[Opening Material for the task section]
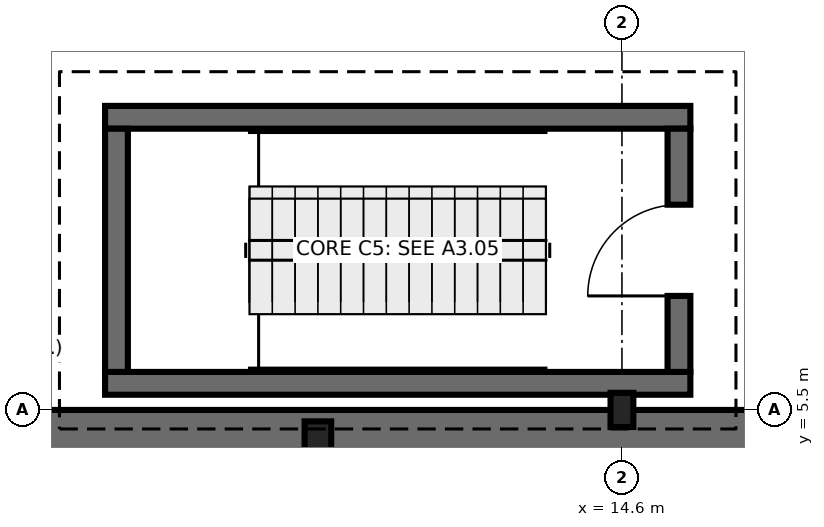
"""IFC4 building model, lengths in metres.
Left out: names, types, materials, properties, quantities, classifications, styles, units other than length and angle.
Written with IfcOpenShell. Run it as: python <this file> out.ifc"""

import sys

from ifc_helpers import new_model, si_unit, direction, frame, frame_2d, origin, origin_2d, place, context, subcontext, project, spatial, rectangle, i_section, extrude, element, fill, save


model = new_model("IFC4")
c1 = context("Model", 3, precision=1e-05, world=origin(), true_north=direction((0.0, 1.0)))
c2 = subcontext(c1, "Body", "Model", "MODEL_VIEW")
j1 = project(units=[si_unit("LENGTHUNIT", "METRE"), si_unit("PLANEANGLEUNIT", "RADIAN")], contexts=[c1])
p1 = place(None, origin())
s1 = spatial("IfcSite", under=j1, at=p1, CompositionType="ELEMENT")
p2 = place(p1, origin())
s2 = spatial("IfcBuilding", under=s1, at=p2, CompositionType="ELEMENT")
p3 = place(p2, frame((0.0, 0.0, -5.0)))
s3 = spatial("IfcBuildingStorey", under=s2, at=p3, CompositionType="ELEMENT", Elevation=-5.0)
p4 = place(p3, frame((10.6, 5.05, 0.0), z_axis=(0.0, 0.0, 1.0), x_axis=(1.0, 0.0, 0.0)))
e1 = element("IfcColumn", 1, at=p4, inside=s3, PredefinedType="PILASTER", context=c2, shape_type="SweptSolid", body=[
    extrude(rectangle(XDim=0.35, YDim=0.6, at=origin_2d()), origin(), (0.0, 0.0, 1.0), 5.0),
])
p5 = place(p3, frame((14.6, 5.5, 0.0), z_axis=(0.0, 0.0, 1.0), x_axis=(1.0, 0.0, 0.0)))
e2 = element("IfcColumn", 2, at=p5, inside=s3, PredefinedType="COLUMN", context=c2, shape_type="SweptSolid", body=[
    extrude(i_section(OverallWidth=0.3, OverallDepth=0.45, WebThickness=0.014, FlangeThickness=0.026, FilletRadius=0.027, at=origin_2d()), origin(), (0.0, 0.0, 1.0), 5.0),
])
for number, where, z_axis, x_axis in (
    (3, (7.8, 5.85, 0.0), (0.0, 0.0, 1.0), (1.0, 0.0, 0.0)),
    (4, (15.5, 9.35, 0.0), (0.0, 0.0, 1.0), (-1.0, 0.0, 0.0)),
):
    element("IfcWall", number, at=place(p3, frame(where, z_axis=z_axis, x_axis=x_axis)), inside=s3, PredefinedType="SHEAR", context=c2, shape_type="SweptSolid", body=[
        extrude(rectangle(XDim=7.7, YDim=0.3, at=frame_2d((3.85, 0.0))), origin(), (0.0, 0.0, 1.0), 5.0),
    ])
p6 = place(p3, frame((7.95, 9.2, 0.0), z_axis=(0.0, 0.0, 1.0), x_axis=(0.0, -1.0, 0.0)))
e5 = element("IfcWall", 5, at=p6, inside=s3, PredefinedType="SHEAR", context=c2, shape_type="SweptSolid", body=[
    extrude(rectangle(XDim=3.2, YDim=0.3, at=frame_2d((1.6, 0.0))), origin(), (0.0, 0.0, 1.0), 5.0),
])
p7 = place(p3, frame((15.35, 6.0, 0.0), z_axis=(0.0, 0.0, 1.0), x_axis=(0.0, 1.0, 0.0)))
e6 = element("IfcWall", 6, at=p7, inside=s3, PredefinedType="SHEAR", context=c2, shape_type="SweptSolid", body=[
    extrude(rectangle(XDim=3.2, YDim=0.3, at=frame_2d((1.6, 0.0))), origin(), (0.0, 0.0, 1.0), 5.0),
])
p8 = place(p7, frame((1.0, 0.0, 0.0)))
e7 = element("IfcOpeningElement", 7, at=p8, cuts=e6, PredefinedType="OPENING", context=c2, shape_type="SweptSolid", body=[
    extrude(rectangle(XDim=1.2, YDim=2.15, at=frame_2d((0.6, 1.075))), frame((0.0, 0.16, 0.0), z_axis=(0.0, -1.0, 0.0), x_axis=(1.0, 0.0, 0.0)), (0.0, 0.0, 1.0), 0.32),
])
p9 = place(p3, frame((6.182, 5.2, 0.0), z_axis=(0.0, 0.0, 1.0), x_axis=(1.0, 0.0, 0.0)))
e8 = element("IfcWall", 8, at=p9, inside=s3, PredefinedType="SHEAR", context=c2, shape_type="SweptSolid", body=[
    extrude(rectangle(XDim=47.736, YDim=0.6, at=frame_2d((23.868, 0.0))), origin(), (0.0, 0.0, 1.0), 4.7),
])
p10 = place(p8, origin())
e9 = element("IfcDoor", 9, at=p10, inside=s3, OperationType="SINGLE_SWING_LEFT", PredefinedType="DOOR", context=c2, shape_type="SweptSolid", body=[
    extrude(rectangle(XDim=1.2, YDim=2.15, at=frame_2d((0.6, 1.075))), frame((0.0, 0.025, 0.0), z_axis=(0.0, -1.0, 0.0), x_axis=(1.0, 0.0, 0.0)), (0.0, 0.0, 1.0), 0.05),
])
fill(e7, e9)
save(model, sys.argv[1])
[Closing Material for the task section]
- _Brief_: Apart from the pictures, all of the data should be repeated exactly.

- _Task result_:
"""IFC4 building model, lengths in metres.
Left out: names, types, materials, properties, quantities, classifications, styles, units other than length and angle.
Written with IfcOpenShell. Run it as: python <this file> out.ifc"""

import sys

from ifc_helpers import new_model, si_unit, direction, frame, frame_2d, origin, origin_2d, place, context, subcontext, project, spatial, rectangle, i_section, extrude, element, fill, save


model = new_model("IFC4")
c1 = context("Model", 3, precision=1e-05, world=origin(), true_north=direction((0.0, 1.0)))
c2 = subcontext(c1, "Body", "Model", "MODEL_VIEW")
j1 = project(units=[si_unit("LENGTHUNIT", "METRE"), si_unit("PLANEANGLEUNIT", "RADIAN")], contexts=[c1])
p1 = place(None, origin())
s1 = spatial("IfcSite", under=j1, at=p1, CompositionType="ELEMENT")
p2 = place(p1, origin())
s2 = spatial("IfcBuilding", under=s1, at=p2, CompositionType="ELEMENT")
p3 = place(p2, frame((0.0, 0.0, -5.0)))
s3 = spatial("IfcBuildingStorey", under=s2, at=p3, CompositionType="ELEMENT", Elevation=-5.0)
p4 = place(p3, frame((10.6, 5.05, 0.0), z_axis=(0.0, 0.0, 1.0), x_axis=(1.0, 0.0, 0.0)))
e1 = element("IfcColumn", 1, at=p4, inside=s3, PredefinedType="PILASTER", context=c2, shape_type="SweptSolid", body=[
    extrude(rectangle(XDim=0.35, YDim=0.6, at=origin_2d()), origin(), (0.0, 0.0, 1.0), 5.0),
])
p5 = place(p3, frame((14.6, 5.5, 0.0), z_axis=(0.0, 0.0, 1.0), x_axis=(1.0, 0.0, 0.0)))
e2 = element("IfcColumn", 2, at=p5, inside=s3, PredefinedType="COLUMN", context=c2, shape_type="SweptSolid", body=[
    extrude(i_section(OverallWidth=0.3, OverallDepth=0.45, WebThickness=0.014, FlangeThickness=0.026, FilletRadius=0.027, at=origin_2d()), origin(), (0.0, 0.0, 1.0), 5.0),
])
for number, where, z_axis, x_axis in (
    (3, (7.8, 5.85, 0.0), (0.0, 0.0, 1.0), (1.0, 0.0, 0.0)),
    (4, (15.5, 9.35, 0.0), (0.0, 0.0, 1.0), (-1.0, 0.0, 0.0)),
):
    element("IfcWall", number, at=place(p3, frame(where, z_axis=z_axis, x_axis=x_axis)), inside=s3, PredefinedType="SHEAR", context=c2, shape_type="SweptSolid", body=[
        extrude(rectangle(XDim=7.7, YDim=0.3, at=frame_2d((3.85, 0.0))), origin(), (0.0, 0.0, 1.0), 5.0),
    ])
p6 = place(p3, frame((7.95, 9.2, 0.0), z_axis=(0.0, 0.0, 1.0), x_axis=(0.0, -1.0, 0.0)))
e5 = element("IfcWall", 5, at=p6, inside=s3, PredefinedType="SHEAR", context=c2, shape_type="SweptSolid", body=[
    extrude(rectangle(XDim=3.2, YDim=0.3, at=frame_2d((1.6, 0.0))), origin(), (0.0, 0.0, 1.0), 5.0),
])
p7 = place(p3, frame((15.35, 6.0, 0.0), z_axis=(0.0, 0.0, 1.0), x_axis=(0.0, 1.0, 0.0)))
e6 = element("IfcWall", 6, at=p7, inside=s3, PredefinedType="SHEAR", context=c2, shape_type="SweptSolid", body=[
    extrude(rectangle(XDim=3.2, YDim=0.3, at=frame_2d((1.6, 0.0))), origin(), (0.0, 0.0, 1.0), 5.0),
])
p8 = place(p7, frame((1.0, 0.0, 0.0)))
e7 = element("IfcOpeningElement", 7, at=p8, cuts=e6, PredefinedType="OPENING", context=c2, shape_type="SweptSolid", body=[
    extrude(rectangle(XDim=1.2, YDim=2.15, at=frame_2d((0.6, 1.075))), frame((0.0, 0.16, 0.0), z_axis=(0.0, -1.0, 0.0), x_axis=(1.0, 0.0, 0.0)), (0.0, 0.0, 1.0), 0.32),
])
p9 = place(p3, frame((6.182, 5.2, 0.0), z_axis=(0.0, 0.0, 1.0), x_axis=(1.0, 0.0, 0.0)))
e8 = element("IfcWall", 8, at=p9, inside=s3, PredefinedType="SHEAR", context=c2, shape_type="SweptSolid", body=[
    extrude(rectangle(XDim=47.736, YDim=0.6, at=frame_2d((23.868, 0.0))), origin(), (0.0, 0.0, 1.0), 4.7),
])
p10 = place(p8, origin())
e9 = element("IfcDoor", 9, at=p10, inside=s3, OperationType="SINGLE_SWING_LEFT", PredefinedType="DOOR", context=c2, shape_type="SweptSolid", body=[
    extrude(rectangle(XDim=1.2, YDim=2.15, at=frame_2d((0.6, 1.075))), frame((0.0, 0.025, 0.0), z_axis=(0.0, -1.0, 0.0), x_axis=(1.0, 0.0, 0.0)), (0.0, 0.0, 1.0), 0.05),
])
fill(e7, e9)
save(model, sys.argv[1])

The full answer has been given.